§ **SOURCE DATA**:
= Beginning of Section =
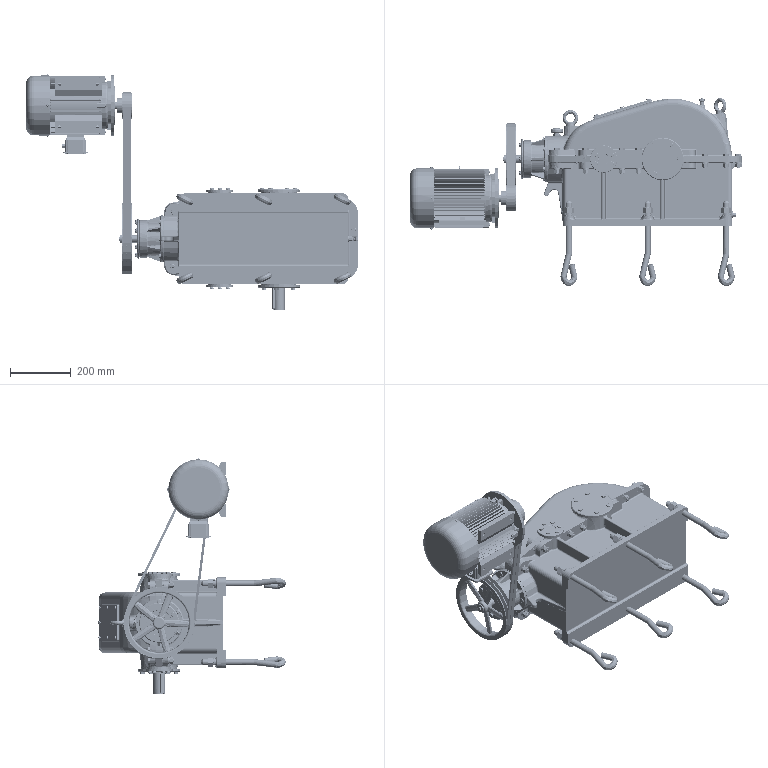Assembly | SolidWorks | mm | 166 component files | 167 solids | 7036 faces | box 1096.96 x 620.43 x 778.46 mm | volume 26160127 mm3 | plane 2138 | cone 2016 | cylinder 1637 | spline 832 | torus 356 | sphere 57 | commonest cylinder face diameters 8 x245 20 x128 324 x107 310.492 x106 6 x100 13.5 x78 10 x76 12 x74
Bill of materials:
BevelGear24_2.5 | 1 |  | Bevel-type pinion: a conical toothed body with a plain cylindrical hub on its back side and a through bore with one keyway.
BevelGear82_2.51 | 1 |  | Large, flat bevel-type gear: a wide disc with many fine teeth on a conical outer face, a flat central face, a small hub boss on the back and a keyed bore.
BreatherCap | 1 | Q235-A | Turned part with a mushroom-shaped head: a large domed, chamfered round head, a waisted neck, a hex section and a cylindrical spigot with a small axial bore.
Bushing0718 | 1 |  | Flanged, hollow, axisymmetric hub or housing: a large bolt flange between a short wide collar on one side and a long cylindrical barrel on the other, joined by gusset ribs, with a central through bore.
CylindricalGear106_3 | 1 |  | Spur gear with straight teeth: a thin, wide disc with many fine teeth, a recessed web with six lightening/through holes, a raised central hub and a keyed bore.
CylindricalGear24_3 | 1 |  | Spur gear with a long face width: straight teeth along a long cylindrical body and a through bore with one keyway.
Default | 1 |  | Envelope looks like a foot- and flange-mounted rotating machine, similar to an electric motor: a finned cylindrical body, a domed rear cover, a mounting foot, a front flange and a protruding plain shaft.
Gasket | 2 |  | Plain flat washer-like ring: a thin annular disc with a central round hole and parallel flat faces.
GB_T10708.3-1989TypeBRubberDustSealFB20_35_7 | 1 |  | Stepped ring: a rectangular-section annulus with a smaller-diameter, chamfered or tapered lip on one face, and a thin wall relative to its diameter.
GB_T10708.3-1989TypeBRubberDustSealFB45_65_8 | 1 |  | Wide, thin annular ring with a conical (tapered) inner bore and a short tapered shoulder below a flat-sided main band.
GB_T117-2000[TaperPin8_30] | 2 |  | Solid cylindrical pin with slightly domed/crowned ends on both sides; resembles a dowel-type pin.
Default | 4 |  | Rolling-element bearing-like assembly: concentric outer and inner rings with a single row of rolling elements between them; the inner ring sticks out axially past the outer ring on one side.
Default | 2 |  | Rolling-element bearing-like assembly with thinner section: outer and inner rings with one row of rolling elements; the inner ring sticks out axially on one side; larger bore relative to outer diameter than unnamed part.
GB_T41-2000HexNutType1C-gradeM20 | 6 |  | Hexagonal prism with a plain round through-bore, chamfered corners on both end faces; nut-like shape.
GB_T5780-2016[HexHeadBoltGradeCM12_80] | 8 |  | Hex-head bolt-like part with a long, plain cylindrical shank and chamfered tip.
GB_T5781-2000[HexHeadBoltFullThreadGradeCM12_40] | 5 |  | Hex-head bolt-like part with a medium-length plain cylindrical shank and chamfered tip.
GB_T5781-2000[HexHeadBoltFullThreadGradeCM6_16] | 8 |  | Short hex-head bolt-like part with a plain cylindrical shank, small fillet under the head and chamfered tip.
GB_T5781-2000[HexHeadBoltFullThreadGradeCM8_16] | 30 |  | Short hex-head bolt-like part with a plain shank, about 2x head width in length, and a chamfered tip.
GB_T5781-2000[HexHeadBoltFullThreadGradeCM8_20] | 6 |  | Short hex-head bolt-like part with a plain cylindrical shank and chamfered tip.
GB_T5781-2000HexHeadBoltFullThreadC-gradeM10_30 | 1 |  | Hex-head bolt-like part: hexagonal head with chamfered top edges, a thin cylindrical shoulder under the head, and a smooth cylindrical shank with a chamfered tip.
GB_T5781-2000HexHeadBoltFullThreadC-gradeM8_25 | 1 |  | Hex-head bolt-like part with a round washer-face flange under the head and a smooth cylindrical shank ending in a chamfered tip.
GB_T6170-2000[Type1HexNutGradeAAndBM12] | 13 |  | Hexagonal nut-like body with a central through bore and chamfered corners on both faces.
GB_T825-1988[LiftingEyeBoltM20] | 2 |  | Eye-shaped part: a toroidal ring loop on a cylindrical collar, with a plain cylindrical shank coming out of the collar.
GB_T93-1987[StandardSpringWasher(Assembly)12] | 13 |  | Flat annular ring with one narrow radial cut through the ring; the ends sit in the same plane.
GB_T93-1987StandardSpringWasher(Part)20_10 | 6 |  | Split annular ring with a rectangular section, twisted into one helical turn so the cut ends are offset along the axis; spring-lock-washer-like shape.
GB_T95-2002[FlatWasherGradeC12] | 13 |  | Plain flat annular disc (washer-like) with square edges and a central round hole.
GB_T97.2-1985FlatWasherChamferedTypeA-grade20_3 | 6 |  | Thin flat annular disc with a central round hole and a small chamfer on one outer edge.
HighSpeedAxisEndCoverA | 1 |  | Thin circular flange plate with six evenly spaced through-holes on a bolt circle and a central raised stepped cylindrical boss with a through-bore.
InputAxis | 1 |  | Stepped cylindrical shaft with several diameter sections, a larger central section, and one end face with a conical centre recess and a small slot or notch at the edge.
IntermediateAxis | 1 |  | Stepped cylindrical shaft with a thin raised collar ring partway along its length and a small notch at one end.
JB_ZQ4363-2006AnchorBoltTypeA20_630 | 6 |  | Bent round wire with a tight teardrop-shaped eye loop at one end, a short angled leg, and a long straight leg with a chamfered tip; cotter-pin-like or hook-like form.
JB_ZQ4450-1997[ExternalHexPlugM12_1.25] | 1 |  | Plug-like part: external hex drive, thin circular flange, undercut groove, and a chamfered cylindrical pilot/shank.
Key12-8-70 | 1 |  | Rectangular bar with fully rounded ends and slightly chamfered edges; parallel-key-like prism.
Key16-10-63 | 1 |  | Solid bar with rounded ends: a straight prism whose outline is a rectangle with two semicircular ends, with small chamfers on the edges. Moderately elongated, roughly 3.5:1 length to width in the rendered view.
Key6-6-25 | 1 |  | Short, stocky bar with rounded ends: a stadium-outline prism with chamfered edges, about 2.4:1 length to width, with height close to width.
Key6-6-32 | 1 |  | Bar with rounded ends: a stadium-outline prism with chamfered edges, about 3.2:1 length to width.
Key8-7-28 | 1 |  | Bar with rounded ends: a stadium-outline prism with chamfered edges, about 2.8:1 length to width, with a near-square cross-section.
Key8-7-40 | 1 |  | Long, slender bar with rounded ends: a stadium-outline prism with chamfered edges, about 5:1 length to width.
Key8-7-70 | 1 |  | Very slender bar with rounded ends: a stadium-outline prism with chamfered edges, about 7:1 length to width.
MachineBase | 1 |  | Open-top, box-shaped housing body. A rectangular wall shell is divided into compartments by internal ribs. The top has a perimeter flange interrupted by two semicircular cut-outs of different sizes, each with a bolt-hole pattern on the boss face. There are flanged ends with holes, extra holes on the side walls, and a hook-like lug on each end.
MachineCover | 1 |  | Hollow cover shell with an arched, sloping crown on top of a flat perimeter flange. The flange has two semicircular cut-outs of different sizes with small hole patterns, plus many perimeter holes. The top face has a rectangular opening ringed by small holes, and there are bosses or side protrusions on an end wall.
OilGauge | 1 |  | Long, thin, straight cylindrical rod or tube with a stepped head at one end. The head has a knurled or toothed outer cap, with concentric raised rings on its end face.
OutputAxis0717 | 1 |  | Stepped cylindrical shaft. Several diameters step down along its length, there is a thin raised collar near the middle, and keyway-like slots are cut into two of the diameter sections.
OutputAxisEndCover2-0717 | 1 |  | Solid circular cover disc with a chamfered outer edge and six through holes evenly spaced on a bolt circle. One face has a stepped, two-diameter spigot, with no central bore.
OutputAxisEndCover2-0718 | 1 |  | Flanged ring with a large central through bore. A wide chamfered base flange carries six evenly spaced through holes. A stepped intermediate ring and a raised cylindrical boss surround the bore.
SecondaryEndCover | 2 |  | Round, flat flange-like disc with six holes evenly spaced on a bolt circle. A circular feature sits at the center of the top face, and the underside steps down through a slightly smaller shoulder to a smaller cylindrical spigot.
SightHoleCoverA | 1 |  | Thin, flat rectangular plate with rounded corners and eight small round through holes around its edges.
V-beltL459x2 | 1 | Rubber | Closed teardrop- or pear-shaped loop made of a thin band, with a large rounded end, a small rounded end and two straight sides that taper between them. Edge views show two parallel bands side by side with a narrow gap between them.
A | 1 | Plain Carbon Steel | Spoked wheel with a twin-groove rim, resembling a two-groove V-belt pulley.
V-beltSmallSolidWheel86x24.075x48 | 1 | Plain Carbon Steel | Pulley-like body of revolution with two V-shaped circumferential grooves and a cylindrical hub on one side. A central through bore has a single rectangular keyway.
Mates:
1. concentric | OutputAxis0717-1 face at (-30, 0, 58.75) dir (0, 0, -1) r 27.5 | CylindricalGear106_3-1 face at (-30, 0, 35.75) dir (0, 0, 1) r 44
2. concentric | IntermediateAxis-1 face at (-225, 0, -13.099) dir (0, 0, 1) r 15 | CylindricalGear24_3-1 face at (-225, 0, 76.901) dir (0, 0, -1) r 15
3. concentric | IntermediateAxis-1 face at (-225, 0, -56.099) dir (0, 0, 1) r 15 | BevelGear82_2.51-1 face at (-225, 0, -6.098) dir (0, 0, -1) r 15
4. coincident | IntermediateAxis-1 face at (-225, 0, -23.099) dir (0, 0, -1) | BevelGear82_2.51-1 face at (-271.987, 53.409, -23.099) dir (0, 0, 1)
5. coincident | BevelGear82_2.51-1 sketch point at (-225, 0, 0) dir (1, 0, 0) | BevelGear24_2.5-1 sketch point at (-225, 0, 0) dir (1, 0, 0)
= End of Section =
§ **WHAT YOU HAVE TO DO**: Which lines above run from the one containing "GB_T5781-2000HexHeadBoltFullThreadC-gradeM8_25 | 1" to the one containing "HighSpeedAxisEndCoverA | 1"? Give them again exactly, both ends included.

§ **EXERCISE RESULT**:
GB_T5781-2000HexHeadBoltFullThreadC-gradeM8_25 | 1 |  | Hex-head bolt-like part with a round washer-face flange under the head and a smooth cylindrical shank ending in a chamfered tip.
GB_T6170-2000[Type1HexNutGradeAAndBM12] | 13 |  | Hexagonal nut-like body with a central through bore and chamfered corners on both faces.
GB_T825-1988[LiftingEyeBoltM20] | 2 |  | Eye-shaped part: a toroidal ring loop on a cylindrical collar, with a plain cylindrical shank coming out of the collar.
GB_T93-1987[StandardSpringWasher(Assembly)12] | 13 |  | Flat annular ring with one narrow radial cut through the ring; the ends sit in the same plane.
GB_T93-1987StandardSpringWasher(Part)20_10 | 6 |  | Split annular ring with a rectangular section, twisted into one helical turn so the cut ends are offset along the axis; spring-lock-washer-like shape.
GB_T95-2002[FlatWasherGradeC12] | 13 |  | Plain flat annular disc (washer-like) with square edges and a central round hole.
GB_T97.2-1985FlatWasherChamferedTypeA-grade20_3 | 6 |  | Thin flat annular disc with a central round hole and a small chamfer on one outer edge.
HighSpeedAxisEndCoverA | 1 |  | Thin circular flange plate with six evenly spaced through-holes on a bolt circle and a central raised stepped cylindrical boss with a through-bore.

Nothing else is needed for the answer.